TASK INSTRUCTIONS. From the entries, copy every line that carries the string "project".

LISTED ENTRIES.
------------

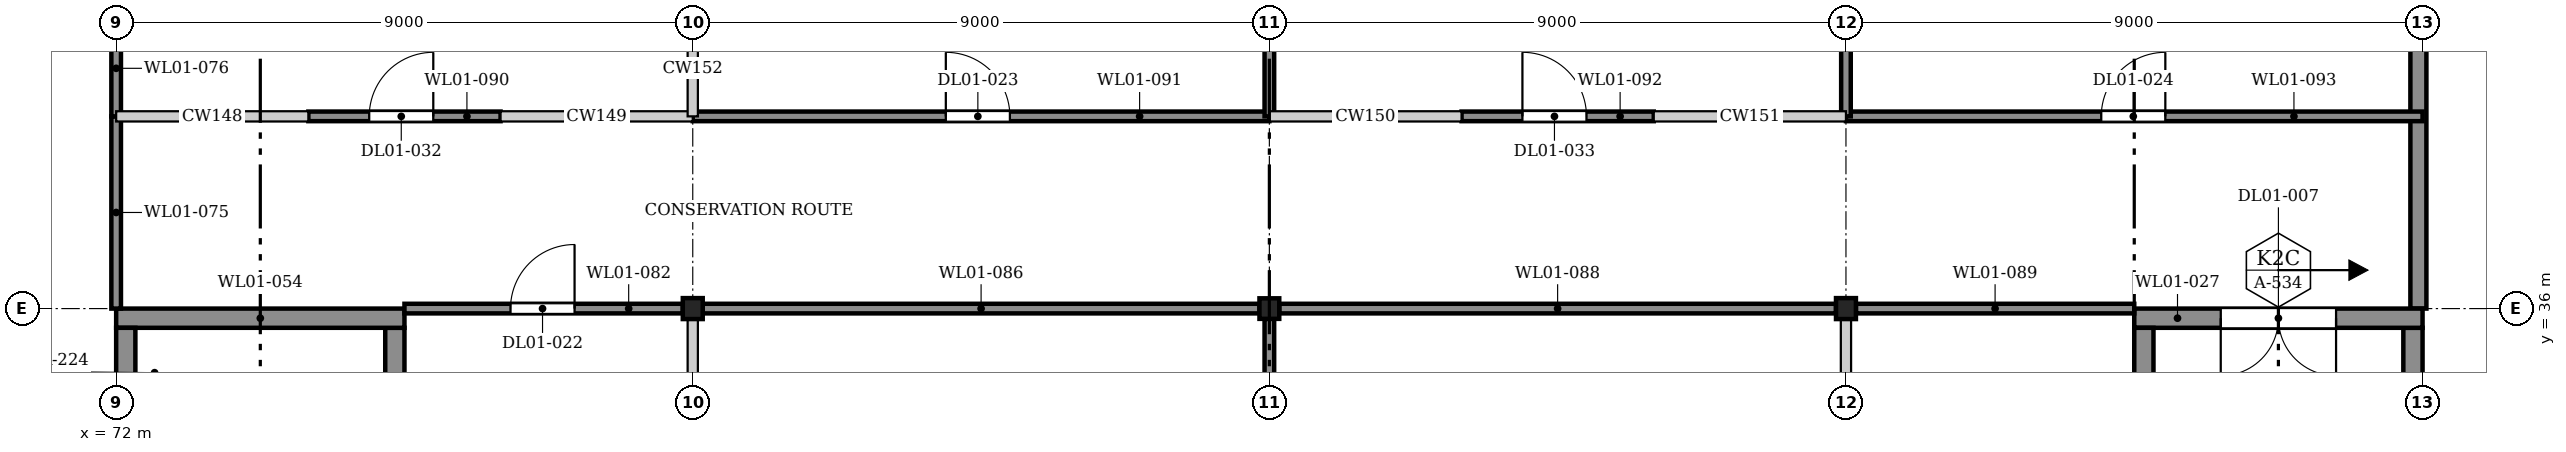
"""IFC4 building model, lengths in metres.
Left out: names, types, materials, properties, quantities, classifications, styles, units other than length and angle.
Written with IfcOpenShell. Run it as: python <this file> out.ifc"""

import sys

from ifc_helpers import new_model, si_unit, direction, frame, frame_2d, origin, origin_2d, place, context, subcontext, project, spatial, rectangle, i_section, extrude, element, fill, save


model = new_model("IFC4")
c1 = context("Model", 3, precision=1e-05, world=origin(), true_north=direction((0.0, 1.0)))
c2 = subcontext(c1, "Body", "Model", "MODEL_VIEW")
j1 = project(units=[si_unit("LENGTHUNIT", "METRE"), si_unit("PLANEANGLEUNIT", "RADIAN")], contexts=[c1])
p1 = place(None, origin())
s1 = spatial("IfcSite", under=j1, at=p1, CompositionType="ELEMENT")
p2 = place(p1, origin())
s2 = spatial("IfcBuilding", under=s1, at=p2, CompositionType="ELEMENT")
p3 = place(p2, frame((0.0, 0.0, 5.0)))
s3 = spatial("IfcBuildingStorey", under=s2, at=p3, CompositionType="ELEMENT", Elevation=5.0)
p4 = place(p3, frame((81.0, 36.0, 0.0), z_axis=(0.0, 0.0, 1.0), x_axis=(1.0, 0.0, 0.0)))
e1 = element("IfcColumn", 1, at=p4, inside=s3, PredefinedType="COLUMN", context=c2, shape_type="SweptSolid", body=[
    extrude(i_section(OverallWidth=0.311, OverallDepth=0.327, WebThickness=0.016, FlangeThickness=0.025, FilletRadius=0.017, at=origin_2d()), origin(), (0.0, 0.0, 1.0), 4.2),
])
p5 = place(p3, frame((90.0, 36.0, 0.0), z_axis=(0.0, 0.0, 1.0), x_axis=(1.0, 0.0, 0.0)))
e2 = element("IfcColumn", 2, at=p5, inside=s3, PredefinedType="COLUMN", context=c2, shape_type="SweptSolid", body=[
    extrude(i_section(OverallWidth=0.309, OverallDepth=0.321, WebThickness=0.014, FlangeThickness=0.022, FilletRadius=0.017, at=origin_2d()), origin(), (0.0, 0.0, 1.0), 4.2),
])
p6 = place(p3, frame((99.0, 36.0, 0.0), z_axis=(0.0, 0.0, 1.0), x_axis=(1.0, 0.0, 0.0)))
e3 = element("IfcColumn", 3, at=p6, inside=s3, PredefinedType="COLUMN", context=c2, shape_type="SweptSolid", body=[
    extrude(i_section(OverallWidth=0.311, OverallDepth=0.327, WebThickness=0.016, FlangeThickness=0.025, FilletRadius=0.017, at=origin_2d()), origin(), (0.0, 0.0, 1.0), 4.2),
])
p7 = place(p3, frame((107.935, 36.0, 0.0), z_axis=(0.0, 0.0, 1.0), x_axis=(0.0, 1.0, 0.0)))
e4 = element("IfcWall", 4, at=p7, inside=s3, PredefinedType="SOLIDWALL", context=c2, shape_type="SweptSolid", body=[
    extrude(rectangle(XDim=8.85, YDim=0.25, at=frame_2d((4.425, 0.0))), origin(), (0.0, 0.0, 1.0), 3.25),
])
p8 = place(p3, frame((107.85, 27.3, 0.0), z_axis=(0.0, 0.0, 1.0), x_axis=(0.0, 1.0, 0.0)))
e5 = element("IfcWall", 5, at=p8, inside=s3, PredefinedType="SOLIDWALL", context=c2, shape_type="SweptSolid", body=[
    extrude(rectangle(XDim=8.4, YDim=0.3, at=frame_2d((4.2, 0.0))), origin(), (0.0, 0.0, 1.0), 4.2),
])
p9 = place(p3, frame((103.5, 35.85, 0.0), z_axis=(0.0, 0.0, 1.0), x_axis=(1.0, 0.0, 0.0)))
e6 = element("IfcWall", 6, at=p9, inside=s3, PredefinedType="SOLIDWALL", context=c2, shape_type="SweptSolid", body=[
    extrude(rectangle(XDim=4.5, YDim=0.3, at=frame_2d((2.25, 0.0))), origin(), (0.0, 0.0, 1.0), 4.2),
])
p10 = place(p9, frame((1.35, 0.0, 0.0)))
e7 = element("IfcOpeningElement", 7, at=p10, cuts=e6, PredefinedType="OPENING", context=c2, shape_type="SweptSolid", body=[
    extrude(rectangle(XDim=1.8, YDim=2.1, at=frame_2d((0.9, 1.05))), frame((0.0, 0.16, 0.0), z_axis=(0.0, -1.0, 0.0), x_axis=(1.0, 0.0, 0.0)), (0.0, 0.0, 1.0), 0.32),
])
p11 = place(p3, frame((103.65, 27.3, 0.0), z_axis=(0.0, 0.0, 1.0), x_axis=(0.0, 1.0, 0.0)))
e8 = element("IfcWall", 8, at=p11, inside=s3, PredefinedType="SOLIDWALL", context=c2, shape_type="SweptSolid", body=[
    extrude(rectangle(XDim=8.4, YDim=0.3, at=frame_2d((4.2, 0.0))), origin(), (0.0, 0.0, 1.0), 4.2),
])
p12 = place(p3, frame((76.35, 27.3, 0.0), z_axis=(0.0, 0.0, 1.0), x_axis=(0.0, 1.0, 0.0)))
e9 = element("IfcWall", 9, at=p12, inside=s3, PredefinedType="SOLIDWALL", context=c2, shape_type="SweptSolid", body=[
    extrude(rectangle(XDim=8.4, YDim=0.3, at=frame_2d((4.2, 0.0))), origin(), (0.0, 0.0, 1.0), 4.2),
])
p13 = place(p12, frame((0.45, 0.0, 0.0)))
e10 = element("IfcOpeningElement", 10, at=p13, cuts=e9, PredefinedType="OPENING", context=c2, shape_type="SweptSolid", body=[
    extrude(rectangle(XDim=1.4, YDim=2.1, at=frame_2d((0.7, 1.05))), frame((0.0, 0.16, 0.0), z_axis=(0.0, -1.0, 0.0), x_axis=(1.0, 0.0, 0.0)), (0.0, 0.0, 1.0), 0.32),
])
p14 = place(p12, frame((4.925, 0.0, 0.0)))
e11 = element("IfcOpeningElement", 11, at=p14, cuts=e9, PredefinedType="OPENING", context=c2, shape_type="SweptSolid", body=[
    extrude(rectangle(XDim=1.0, YDim=2.1, at=frame_2d((0.5, 1.05))), frame((0.0, 0.16, 0.0), z_axis=(0.0, -1.0, 0.0), x_axis=(1.0, 0.0, 0.0)), (0.0, 0.0, 1.0), 0.32),
])
p15 = place(p3, frame((72.0, 35.85, 0.0), z_axis=(0.0, 0.0, 1.0), x_axis=(1.0, 0.0, 0.0)))
e12 = element("IfcWall", 12, at=p15, inside=s3, PredefinedType="SOLIDWALL", context=c2, shape_type="SweptSolid", body=[
    extrude(rectangle(XDim=4.5, YDim=0.3, at=frame_2d((2.25, 0.0))), origin(), (0.0, 0.0, 1.0), 4.2),
])
p16 = place(p3, frame((72.15, 27.3, 0.0), z_axis=(0.0, 0.0, 1.0), x_axis=(0.0, 1.0, 0.0)))
e13 = element("IfcWall", 13, at=p16, inside=s3, PredefinedType="SOLIDWALL", context=c2, shape_type="SweptSolid", body=[
    extrude(rectangle(XDim=8.4, YDim=0.3, at=frame_2d((4.2, 0.0))), origin(), (0.0, 0.0, 1.0), 4.2),
])
p17 = place(p16, frame((0.45, 0.0, 0.0)))
e14 = element("IfcOpeningElement", 14, at=p17, cuts=e13, PredefinedType="OPENING", context=c2, shape_type="SweptSolid", body=[
    extrude(rectangle(XDim=1.4, YDim=2.1, at=frame_2d((0.7, 1.05))), frame((0.0, 0.16, 0.0), z_axis=(0.0, -1.0, 0.0), x_axis=(1.0, 0.0, 0.0)), (0.0, 0.0, 1.0), 0.32),
])
p18 = place(p3, frame((72.0, 36.0, 0.0), z_axis=(0.0, 0.0, 1.0), x_axis=(0.0, 1.0, 0.0)))
e15 = element("IfcWall", 15, at=p18, inside=s3, PredefinedType="PARTITIONING", context=c2, shape_type="SweptSolid", body=[
    extrude(rectangle(XDim=3.0, YDim=0.15, at=frame_2d((1.5, 0.0))), origin(), (0.0, 0.0, 1.0), 3.158),
])
p19 = place(p3, frame((72.0, 39.0, 0.0), z_axis=(0.0, 0.0, 1.0), x_axis=(0.0, 1.0, 0.0)))
e16 = element("IfcWall", 16, at=p19, inside=s3, PredefinedType="PARTITIONING", context=c2, shape_type="SweptSolid", body=[
    extrude(rectangle(XDim=1.5, YDim=0.15, at=frame_2d((0.75, 0.0))), origin(), (0.0, 0.0, 1.0), 3.158),
])
p20 = place(p3, frame((76.5, 36.0, 0.0), z_axis=(0.0, 0.0, 1.0), x_axis=(1.0, 0.0, 0.0)))
e17 = element("IfcWall", 17, at=p20, inside=s3, PredefinedType="PARTITIONING", context=c2, shape_type="SweptSolid", body=[
    extrude(rectangle(XDim=4.344, YDim=0.15, at=frame_2d((2.172, 0.0))), origin(), (0.0, 0.0, 1.0), 3.158),
])
p21 = place(p20, frame((1.655, 0.0, 0.0)))
e18 = element("IfcOpeningElement", 18, at=p21, cuts=e17, PredefinedType="OPENING", context=c2, shape_type="SweptSolid", body=[
    extrude(rectangle(XDim=1.0, YDim=2.1, at=frame_2d((0.5, 1.05))), frame((0.0, 0.085, 0.0), z_axis=(0.0, -1.0, 0.0), x_axis=(1.0, 0.0, 0.0)), (0.0, 0.0, 1.0), 0.17),
])
p22 = place(p3, frame((90.0, 27.178, 0.0), z_axis=(0.0, 0.0, 1.0), x_axis=(0.0, 1.0, 0.0)))
e19 = element("IfcWall", 19, at=p22, inside=s3, PredefinedType="PARTITIONING", context=c2, shape_type="SweptSolid", body=[
    extrude(rectangle(XDim=8.662, YDim=0.15, at=frame_2d((4.331, 0.0))), origin(), (0.0, 0.0, 1.0), 3.502),
])
for number, where, z_axis, x_axis in (
    (20, (81.156, 36.0, 0.0), (0.0, 0.0, 1.0), (1.0, 0.0, 0.0)),
    (21, (90.155, 36.0, 0.0), (0.0, 0.0, 1.0), (1.0, 0.0, 0.0)),
):
    element("IfcWall", number, at=place(p3, frame(where, z_axis=z_axis, x_axis=x_axis)), inside=s3, PredefinedType="PARTITIONING", context=c2, shape_type="SweptSolid", body=[
        extrude(rectangle(XDim=8.69, YDim=0.15, at=frame_2d((4.345, 0.0))), origin(), (0.0, 0.0, 1.0), 3.158),
    ])
p23 = place(p3, frame((99.156, 36.0, 0.0), z_axis=(0.0, 0.0, 1.0), x_axis=(1.0, 0.0, 0.0)))
e22 = element("IfcWall", 22, at=p23, inside=s3, PredefinedType="PARTITIONING", context=c2, shape_type="SweptSolid", body=[
    extrude(rectangle(XDim=4.344, YDim=0.15, at=frame_2d((2.172, 0.0))), origin(), (0.0, 0.0, 1.0), 3.158),
])
p24 = place(p3, frame((75.0, 39.0, 0.0), z_axis=(0.0, 0.0, 1.0), x_axis=(1.0, 0.0, 0.0)))
e23 = element("IfcWall", 23, at=p24, inside=s3, PredefinedType="PARTITIONING", context=c2, shape_type="SweptSolid", body=[
    extrude(rectangle(XDim=3.0, YDim=0.15, at=frame_2d((1.5, 0.0))), origin(), (0.0, 0.0, 1.0), 3.158),
])
p25 = place(p24, frame((0.95, 0.0, 0.0)))
e24 = element("IfcOpeningElement", 24, at=p25, cuts=e23, PredefinedType="OPENING", context=c2, shape_type="SweptSolid", body=[
    extrude(rectangle(XDim=1.0, YDim=2.1, at=frame_2d((0.5, 1.05))), frame((0.0, 0.085, 0.0), z_axis=(0.0, -1.0, 0.0), x_axis=(1.0, 0.0, 0.0)), (0.0, 0.0, 1.0), 0.17),
])
p26 = place(p3, frame((81.0, 39.0, 0.0), z_axis=(0.0, 0.0, 1.0), x_axis=(1.0, 0.0, 0.0)))
e25 = element("IfcWall", 25, at=p26, inside=s3, PredefinedType="PARTITIONING", context=c2, shape_type="SweptSolid", body=[
    extrude(rectangle(XDim=9.0, YDim=0.15, at=frame_2d((4.5, 0.0))), origin(), (0.0, 0.0, 1.0), 3.158),
])
p27 = place(p26, frame((3.95, 0.0, 0.0)))
e26 = element("IfcOpeningElement", 26, at=p27, cuts=e25, PredefinedType="OPENING", context=c2, shape_type="SweptSolid", body=[
    extrude(rectangle(XDim=1.0, YDim=2.1, at=frame_2d((0.5, 1.05))), frame((0.0, 0.085, 0.0), z_axis=(0.0, -1.0, 0.0), x_axis=(1.0, 0.0, 0.0)), (0.0, 0.0, 1.0), 0.17),
])
p28 = place(p3, frame((93.0, 39.0, 0.0), z_axis=(0.0, 0.0, 1.0), x_axis=(1.0, 0.0, 0.0)))
e27 = element("IfcWall", 27, at=p28, inside=s3, PredefinedType="PARTITIONING", context=c2, shape_type="SweptSolid", body=[
    extrude(rectangle(XDim=3.0, YDim=0.15, at=frame_2d((1.5, 0.0))), origin(), (0.0, 0.0, 1.0), 3.158),
])
p29 = place(p28, frame((0.95, 0.0, 0.0)))
e28 = element("IfcOpeningElement", 28, at=p29, cuts=e27, PredefinedType="OPENING", context=c2, shape_type="SweptSolid", body=[
    extrude(rectangle(XDim=1.0, YDim=2.1, at=frame_2d((0.5, 1.05))), frame((0.0, 0.085, 0.0), z_axis=(0.0, -1.0, 0.0), x_axis=(1.0, 0.0, 0.0)), (0.0, 0.0, 1.0), 0.17),
])
p30 = place(p3, frame((99.0, 39.0, 0.0), z_axis=(0.0, 0.0, 1.0), x_axis=(1.0, 0.0, 0.0)))
e29 = element("IfcWall", 29, at=p30, inside=s3, PredefinedType="PARTITIONING", context=c2, shape_type="SweptSolid", body=[
    extrude(rectangle(XDim=9.0, YDim=0.15, at=frame_2d((4.5, 0.0))), origin(), (0.0, 0.0, 1.0), 3.158),
])
p31 = place(p30, frame((3.985, 0.0, 0.0)))
e30 = element("IfcOpeningElement", 30, at=p31, cuts=e29, PredefinedType="OPENING", context=c2, shape_type="SweptSolid", body=[
    extrude(rectangle(XDim=1.0, YDim=2.1, at=frame_2d((0.5, 1.05))), frame((0.0, 0.085, 0.0), z_axis=(0.0, -1.0, 0.0), x_axis=(1.0, 0.0, 0.0)), (0.0, 0.0, 1.0), 0.17),
])
for number, where, z_axis, x_axis in (
    (31, (90.0, 39.0, 0.0), (0.0, 0.0, 1.0), (0.0, 1.0, 0.0)),
    (32, (99.0, 39.0, 0.0), (0.0, 0.0, 1.0), (0.0, 1.0, 0.0)),
):
    element("IfcWall", number, at=place(p3, frame(where, z_axis=z_axis, x_axis=x_axis)), inside=s3, PredefinedType="PARTITIONING", context=c2, shape_type="SweptSolid", body=[
        extrude(rectangle(XDim=5.846, YDim=0.15, at=frame_2d((2.923, 0.0))), origin(), (0.0, 0.0, 1.0), 3.158),
    ])
p32 = place(p10, frame((1.8, 0.0, 0.0), z_axis=(0.0, 0.0, 1.0), x_axis=(-1.0, 0.0, 0.0)))
e33 = element("IfcDoor", 33, at=p32, inside=s3, OperationType="DOUBLE_DOOR_SINGLE_SWING", PredefinedType="DOOR", context=c2, shape_type="SweptSolid", body=[
    extrude(rectangle(XDim=1.8, YDim=2.1, at=frame_2d((0.9, 1.05))), frame((0.0, 0.025, 0.0), z_axis=(0.0, -1.0, 0.0), x_axis=(1.0, 0.0, 0.0)), (0.0, 0.0, 1.0), 0.05),
])
fill(e7, e33)
p33 = place(p21, origin())
e34 = element("IfcDoor", 34, at=p33, inside=s3, OperationType="SINGLE_SWING_LEFT", PredefinedType="DOOR", context=c2, shape_type="SweptSolid", body=[
    extrude(rectangle(XDim=1.0, YDim=2.1, at=frame_2d((0.5, 1.05))), frame((0.0, 0.025, 0.0), z_axis=(0.0, -1.0, 0.0), x_axis=(1.0, 0.0, 0.0)), (0.0, 0.0, 1.0), 0.05),
])
fill(e18, e34)
p34 = place(p27, origin())
e35 = element("IfcDoor", 35, at=p34, inside=s3, OperationType="SINGLE_SWING_RIGHT", PredefinedType="DOOR", context=c2, shape_type="SweptSolid", body=[
    extrude(rectangle(XDim=1.0, YDim=2.1, at=frame_2d((0.5, 1.05))), frame((0.0, 0.025, 0.0), z_axis=(0.0, -1.0, 0.0), x_axis=(1.0, 0.0, 0.0)), (0.0, 0.0, 1.0), 0.05),
])
fill(e26, e35)
p35 = place(p31, origin())
e36 = element("IfcDoor", 36, at=p35, inside=s3, OperationType="SINGLE_SWING_LEFT", PredefinedType="DOOR", context=c2, shape_type="SweptSolid", body=[
    extrude(rectangle(XDim=1.0, YDim=2.1, at=frame_2d((0.5, 1.05))), frame((0.0, 0.025, 0.0), z_axis=(0.0, -1.0, 0.0), x_axis=(1.0, 0.0, 0.0)), (0.0, 0.0, 1.0), 0.05),
])
fill(e30, e36)
p36 = place(p25, origin())
e37 = element("IfcDoor", 37, at=p36, inside=s3, OperationType="SINGLE_SWING_LEFT", PredefinedType="DOOR", context=c2, shape_type="SweptSolid", body=[
    extrude(rectangle(XDim=1.0, YDim=2.1, at=frame_2d((0.5, 1.05))), frame((0.0, 0.025, 0.0), z_axis=(0.0, -1.0, 0.0), x_axis=(1.0, 0.0, 0.0)), (0.0, 0.0, 1.0), 0.05),
])
fill(e24, e37)
p37 = place(p29, origin())
e38 = element("IfcDoor", 38, at=p37, inside=s3, OperationType="SINGLE_SWING_RIGHT", PredefinedType="DOOR", context=c2, shape_type="SweptSolid", body=[
    extrude(rectangle(XDim=1.0, YDim=2.1, at=frame_2d((0.5, 1.05))), frame((0.0, 0.025, 0.0), z_axis=(0.0, -1.0, 0.0), x_axis=(1.0, 0.0, 0.0)), (0.0, 0.0, 1.0), 0.05),
])
fill(e28, e38)
save(model, sys.argv[1])

------------

SOLUTION FOR THIS PROBLEM.
from ifc_helpers import new_model, si_unit, direction, frame, frame_2d, origin, origin_2d, place, context, subcontext, project, spatial, rectangle, i_section, extrude, element, fill, save
j1 = project(units=[si_unit("LENGTHUNIT", "METRE"), si_unit("PLANEANGLEUNIT", "RADIAN")], contexts=[c1])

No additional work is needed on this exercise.